▶ DATA EXTRACT
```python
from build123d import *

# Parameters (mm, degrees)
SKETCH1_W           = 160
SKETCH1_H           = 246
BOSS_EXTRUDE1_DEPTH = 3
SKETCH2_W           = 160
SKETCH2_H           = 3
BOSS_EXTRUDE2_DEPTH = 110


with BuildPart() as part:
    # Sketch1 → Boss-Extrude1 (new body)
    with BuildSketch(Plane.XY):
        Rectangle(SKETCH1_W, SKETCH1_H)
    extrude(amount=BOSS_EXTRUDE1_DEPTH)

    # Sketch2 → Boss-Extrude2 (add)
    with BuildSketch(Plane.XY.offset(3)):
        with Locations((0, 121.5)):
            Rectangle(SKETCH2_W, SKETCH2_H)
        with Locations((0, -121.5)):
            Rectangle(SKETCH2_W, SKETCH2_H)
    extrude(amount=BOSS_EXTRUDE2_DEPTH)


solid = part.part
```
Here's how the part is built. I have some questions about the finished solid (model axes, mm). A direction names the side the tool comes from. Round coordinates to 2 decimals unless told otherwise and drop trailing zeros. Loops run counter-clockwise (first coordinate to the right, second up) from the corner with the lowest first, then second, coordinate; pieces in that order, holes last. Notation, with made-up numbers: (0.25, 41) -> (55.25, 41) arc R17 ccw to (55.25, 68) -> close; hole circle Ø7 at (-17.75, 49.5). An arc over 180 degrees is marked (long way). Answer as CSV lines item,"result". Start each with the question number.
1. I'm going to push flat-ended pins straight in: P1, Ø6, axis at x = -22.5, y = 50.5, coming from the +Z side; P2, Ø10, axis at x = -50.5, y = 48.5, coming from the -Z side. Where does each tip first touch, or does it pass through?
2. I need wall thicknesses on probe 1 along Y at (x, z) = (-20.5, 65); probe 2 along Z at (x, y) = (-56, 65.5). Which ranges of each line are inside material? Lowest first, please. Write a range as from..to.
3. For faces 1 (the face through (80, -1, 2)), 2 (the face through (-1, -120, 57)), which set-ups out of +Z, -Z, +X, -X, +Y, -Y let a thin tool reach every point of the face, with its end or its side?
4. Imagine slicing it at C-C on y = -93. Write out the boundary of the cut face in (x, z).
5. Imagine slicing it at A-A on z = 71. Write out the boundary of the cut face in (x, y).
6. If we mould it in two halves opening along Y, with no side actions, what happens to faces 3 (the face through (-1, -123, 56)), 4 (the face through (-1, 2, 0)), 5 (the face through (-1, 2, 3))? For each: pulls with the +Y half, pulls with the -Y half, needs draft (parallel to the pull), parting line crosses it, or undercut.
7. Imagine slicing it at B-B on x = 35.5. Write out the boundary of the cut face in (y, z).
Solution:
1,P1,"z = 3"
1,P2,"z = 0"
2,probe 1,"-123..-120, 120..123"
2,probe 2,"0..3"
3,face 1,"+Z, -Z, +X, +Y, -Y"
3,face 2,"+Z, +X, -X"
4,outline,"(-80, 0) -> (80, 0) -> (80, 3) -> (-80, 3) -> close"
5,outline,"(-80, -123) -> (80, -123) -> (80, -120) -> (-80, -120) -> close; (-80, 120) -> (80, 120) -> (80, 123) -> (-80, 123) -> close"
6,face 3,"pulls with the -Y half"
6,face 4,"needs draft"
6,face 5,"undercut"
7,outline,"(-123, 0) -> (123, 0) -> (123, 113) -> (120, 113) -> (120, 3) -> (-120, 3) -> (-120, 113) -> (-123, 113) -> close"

▶ TRY IT
Among the entries above, tally each line with the string "probe" and state that figure only.

▶ TASK RESULT
3